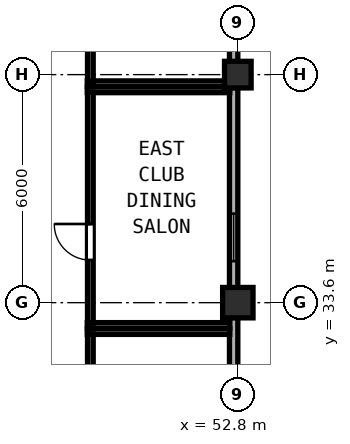
"""IFC4 building model, lengths in metres.
Left out: names, types, materials, properties, quantities, classifications, styles, units other than length and angle.
Written with IfcOpenShell. Run it as: python <this file> out.ifc"""

import sys

from ifc_helpers import new_model, si_unit, direction, frame, frame_2d, origin, origin_2d, place, context, subcontext, project, spatial, rectangle, hollow_rectangle, extrude, element, fill, save


model = new_model("IFC4")
c1 = context("Model", 3, precision=1e-05, world=origin(), true_north=direction((0.0, 1.0)))
c2 = subcontext(c1, "Body", "Model", "MODEL_VIEW")
j1 = project(units=[si_unit("LENGTHUNIT", "METRE"), si_unit("PLANEANGLEUNIT", "RADIAN")], contexts=[c1])
p1 = place(None, origin())
s1 = spatial("IfcSite", under=j1, at=p1, CompositionType="ELEMENT")
p2 = place(p1, origin())
s2 = spatial("IfcBuilding", under=s1, at=p2, CompositionType="ELEMENT")
p3 = place(p2, frame((0.0, 0.0, 246.75)))
s3 = spatial("IfcBuildingStorey", under=s2, at=p3, CompositionType="ELEMENT", Elevation=246.75)
p4 = place(p3, frame((52.8, 33.6, 0.0), z_axis=(0.0, 0.0, 1.0), x_axis=(1.0, 0.0, 0.0)))
e1 = element("IfcColumn", 1, at=p4, inside=s3, PredefinedType="COLUMN", context=c2, shape_type="SweptSolid", body=[
    extrude(hollow_rectangle(XDim=0.8, YDim=0.8, WallThickness=0.03, at=origin_2d()), origin(), (0.0, 0.0, 1.0), 3.85),
])
p5 = place(p3, frame((52.8, 39.6, 0.0), z_axis=(0.0, 0.0, 1.0), x_axis=(1.0, 0.0, 0.0)))
e2 = element("IfcColumn", 2, at=p5, inside=s3, PredefinedType="COLUMN", context=c2, shape_type="SweptSolid", body=[
    extrude(hollow_rectangle(XDim=0.7, YDim=0.7, WallThickness=0.026, at=origin_2d()), origin(), (0.0, 0.0, 1.0), 3.85),
])
p6 = place(p3, frame((52.69, 27.942, 0.0), z_axis=(0.0, 0.0, 1.0), x_axis=(0.0, 1.0, 0.0)))
e3 = element("IfcWall", 3, at=p6, inside=s3, PredefinedType="SOLIDWALL", context=c2, shape_type="SweptSolid", body=[
    extrude(rectangle(XDim=5.266, YDim=0.22, at=frame_2d((2.633, 0.0))), origin(), (0.0, 0.0, 1.0), 3.315),
])
p7 = place(p6, frame((0.7, 0.0, 0.85)))
e4 = element("IfcOpeningElement", 4, at=p7, cuts=e3, PredefinedType="OPENING", context=c2, shape_type="SweptSolid", body=[
    extrude(rectangle(XDim=1.25, YDim=1.95, at=frame_2d((0.625, 0.975))), frame((0.0, 0.12, 0.0), z_axis=(0.0, -1.0, 0.0), x_axis=(1.0, 0.0, 0.0)), (0.0, 0.0, 1.0), 0.24),
])
p8 = place(p3, frame((52.69, 33.992, 0.0), z_axis=(0.0, 0.0, 1.0), x_axis=(0.0, 1.0, 0.0)))
e5 = element("IfcWall", 5, at=p8, inside=s3, PredefinedType="SOLIDWALL", context=c2, shape_type="SweptSolid", body=[
    extrude(rectangle(XDim=5.266, YDim=0.22, at=frame_2d((2.633, 0.0))), origin(), (0.0, 0.0, 1.0), 3.315),
])
p9 = place(p8, frame((0.7, 0.0, 0.85)))
e6 = element("IfcOpeningElement", 6, at=p9, cuts=e5, PredefinedType="OPENING", context=c2, shape_type="SweptSolid", body=[
    extrude(rectangle(XDim=1.25, YDim=1.95, at=frame_2d((0.625, 0.975))), frame((0.0, 0.12, 0.0), z_axis=(0.0, -1.0, 0.0), x_axis=(1.0, 0.0, 0.0)), (0.0, 0.0, 1.0), 0.24),
])
p10 = place(p3, frame((52.69, 39.942, 0.0), z_axis=(0.0, 0.0, 1.0), x_axis=(0.0, 1.0, 0.0)))
e7 = element("IfcWall", 7, at=p10, inside=s3, PredefinedType="SOLIDWALL", context=c2, shape_type="SweptSolid", body=[
    extrude(rectangle(XDim=5.266, YDim=0.22, at=frame_2d((2.633, 0.0))), origin(), (0.0, 0.0, 1.0), 3.315),
])
p11 = place(p10, frame((0.7, 0.0, 0.85)))
e8 = element("IfcOpeningElement", 8, at=p11, cuts=e7, PredefinedType="OPENING", context=c2, shape_type="SweptSolid", body=[
    extrude(rectangle(XDim=1.25, YDim=1.95, at=frame_2d((0.625, 0.975))), frame((0.0, 0.12, 0.0), z_axis=(0.0, -1.0, 0.0), x_axis=(1.0, 0.0, 0.0)), (0.0, 0.0, 1.0), 0.24),
])
for number, where, z_axis, x_axis in (
    (9, (48.84, 39.2, 0.0), (0.0, 0.0, 1.0), (1.0, 0.0, 0.0)),
    (10, (48.84, 33.0, 0.0), (0.0, 0.0, 1.0), (1.0, 0.0, 0.0)),
):
    element("IfcWall", number, at=place(p3, frame(where, z_axis=z_axis, x_axis=x_axis)), inside=s3, PredefinedType="PARTITIONING", context=c2, shape_type="SweptSolid", body=[
        extrude(rectangle(XDim=3.748, YDim=0.15, at=frame_2d((1.874, 0.0))), origin(), (0.0, 0.0, 1.0), 3.67),
    ])
p12 = place(p3, frame((48.92, 33.06, 0.0), z_axis=(0.0, 0.0, 1.0), x_axis=(0.0, 1.0, 0.0)))
e11 = element("IfcWall", 11, at=p12, inside=s3, PredefinedType="PARTITIONING", context=c2, shape_type="SweptSolid", body=[
    extrude(rectangle(XDim=6.08, YDim=0.15, at=frame_2d((3.04, 0.0))), origin(), (0.0, 0.0, 1.0), 3.67),
])
p13 = place(p12, frame((1.66, 0.0, 0.0)))
e12 = element("IfcOpeningElement", 12, at=p13, cuts=e11, PredefinedType="OPENING", context=c2, shape_type="SweptSolid", body=[
    extrude(rectangle(XDim=0.95, YDim=2.12, at=frame_2d((0.475, 1.06))), frame((0.0, 0.085, 0.0), z_axis=(0.0, -1.0, 0.0), x_axis=(1.0, 0.0, 0.0)), (0.0, 0.0, 1.0), 0.17),
])
p14 = place(p3, frame((48.84, 39.36, 0.0), z_axis=(0.0, 0.0, 1.0), x_axis=(1.0, 0.0, 0.0)))
e13 = element("IfcWall", 13, at=p14, inside=s3, PredefinedType="PARTITIONING", context=c2, shape_type="SweptSolid", body=[
    extrude(rectangle(XDim=3.748, YDim=0.15, at=frame_2d((1.874, 0.0))), origin(), (0.0, 0.0, 1.0), 3.67),
])
p15 = place(p3, frame((48.92, 39.42, 0.0), z_axis=(0.0, 0.0, 1.0), x_axis=(0.0, 1.0, 0.0)))
e14 = element("IfcWall", 14, at=p15, inside=s3, PredefinedType="PARTITIONING", context=c2, shape_type="SweptSolid", body=[
    extrude(rectangle(XDim=6.54, YDim=0.15, at=frame_2d((3.27, 0.0))), origin(), (0.0, 0.0, 1.0), 3.67),
])
p16 = place(p15, frame((1.86, 0.0, 0.0)))
e15 = element("IfcOpeningElement", 15, at=p16, cuts=e14, PredefinedType="OPENING", context=c2, shape_type="SweptSolid", body=[
    extrude(rectangle(XDim=0.95, YDim=2.12, at=frame_2d((0.475, 1.06))), frame((0.0, 0.085, 0.0), z_axis=(0.0, -1.0, 0.0), x_axis=(1.0, 0.0, 0.0)), (0.0, 0.0, 1.0), 0.17),
])
p17 = place(p3, frame((48.84, 32.84, 0.0), z_axis=(0.0, 0.0, 1.0), x_axis=(1.0, 0.0, 0.0)))
e16 = element("IfcWall", 16, at=p17, inside=s3, PredefinedType="PARTITIONING", context=c2, shape_type="SweptSolid", body=[
    extrude(rectangle(XDim=3.748, YDim=0.15, at=frame_2d((1.874, 0.0))), origin(), (0.0, 0.0, 1.0), 3.67),
])
p18 = place(p3, frame((48.92, 26.41, 0.0), z_axis=(0.0, 0.0, 1.0), x_axis=(0.0, 1.0, 0.0)))
e17 = element("IfcWall", 17, at=p18, inside=s3, PredefinedType="PARTITIONING", context=c2, shape_type="SweptSolid", body=[
    extrude(rectangle(XDim=6.37, YDim=0.15, at=frame_2d((3.185, 0.0))), origin(), (0.0, 0.0, 1.0), 3.67),
])
p19 = place(p18, frame((0.86, 0.0, 0.0)))
e18 = element("IfcOpeningElement", 18, at=p19, cuts=e17, PredefinedType="OPENING", context=c2, shape_type="SweptSolid", body=[
    extrude(rectangle(XDim=0.95, YDim=2.12, at=frame_2d((0.475, 1.06))), frame((0.0, 0.085, 0.0), z_axis=(0.0, -1.0, 0.0), x_axis=(1.0, 0.0, 0.0)), (0.0, 0.0, 1.0), 0.17),
])
p20 = place(p9, origin())
e19 = element("IfcWindow", 19, at=p20, inside=s3, PartitioningType="SINGLE_PANEL", PredefinedType="WINDOW", context=c2, shape_type="SweptSolid", body=[
    extrude(rectangle(XDim=1.25, YDim=1.95, at=frame_2d((0.625, 0.975))), frame((0.0, 0.03, 0.0), z_axis=(0.0, -1.0, 0.0), x_axis=(1.0, 0.0, 0.0)), (0.0, 0.0, 1.0), 0.06),
])
fill(e6, e19)
p21 = place(p13, origin())
e20 = element("IfcDoor", 20, at=p21, inside=s3, OperationType="SINGLE_SWING_RIGHT", PredefinedType="DOOR", context=c2, shape_type="SweptSolid", body=[
    extrude(rectangle(XDim=0.95, YDim=2.12, at=frame_2d((0.475, 1.06))), frame((0.0, 0.025, 0.0), z_axis=(0.0, -1.0, 0.0), x_axis=(1.0, 0.0, 0.0)), (0.0, 0.0, 1.0), 0.05),
])
fill(e12, e20)
save(model, sys.argv[1])

> _What to do_
Check each line of the entries for "OPENING" and copy those that have it.

> _The answer_
e4 = element("IfcOpeningElement", 4, at=p7, cuts=e3, PredefinedType="OPENING", context=c2, shape_type="SweptSolid", body=[
e6 = element("IfcOpeningElement", 6, at=p9, cuts=e5, PredefinedType="OPENING", context=c2, shape_type="SweptSolid", body=[
e8 = element("IfcOpeningElement", 8, at=p11, cuts=e7, PredefinedType="OPENING", context=c2, shape_type="SweptSolid", body=[
e12 = element("IfcOpeningElement", 12, at=p13, cuts=e11, PredefinedType="OPENING", context=c2, shape_type="SweptSolid", body=[
e15 = element("IfcOpeningElement", 15, at=p16, cuts=e14, PredefinedType="OPENING", context=c2, shape_type="SweptSolid", body=[
e18 = element("IfcOpeningElement", 18, at=p19, cuts=e17, PredefinedType="OPENING", context=c2, shape_type="SweptSolid", body=[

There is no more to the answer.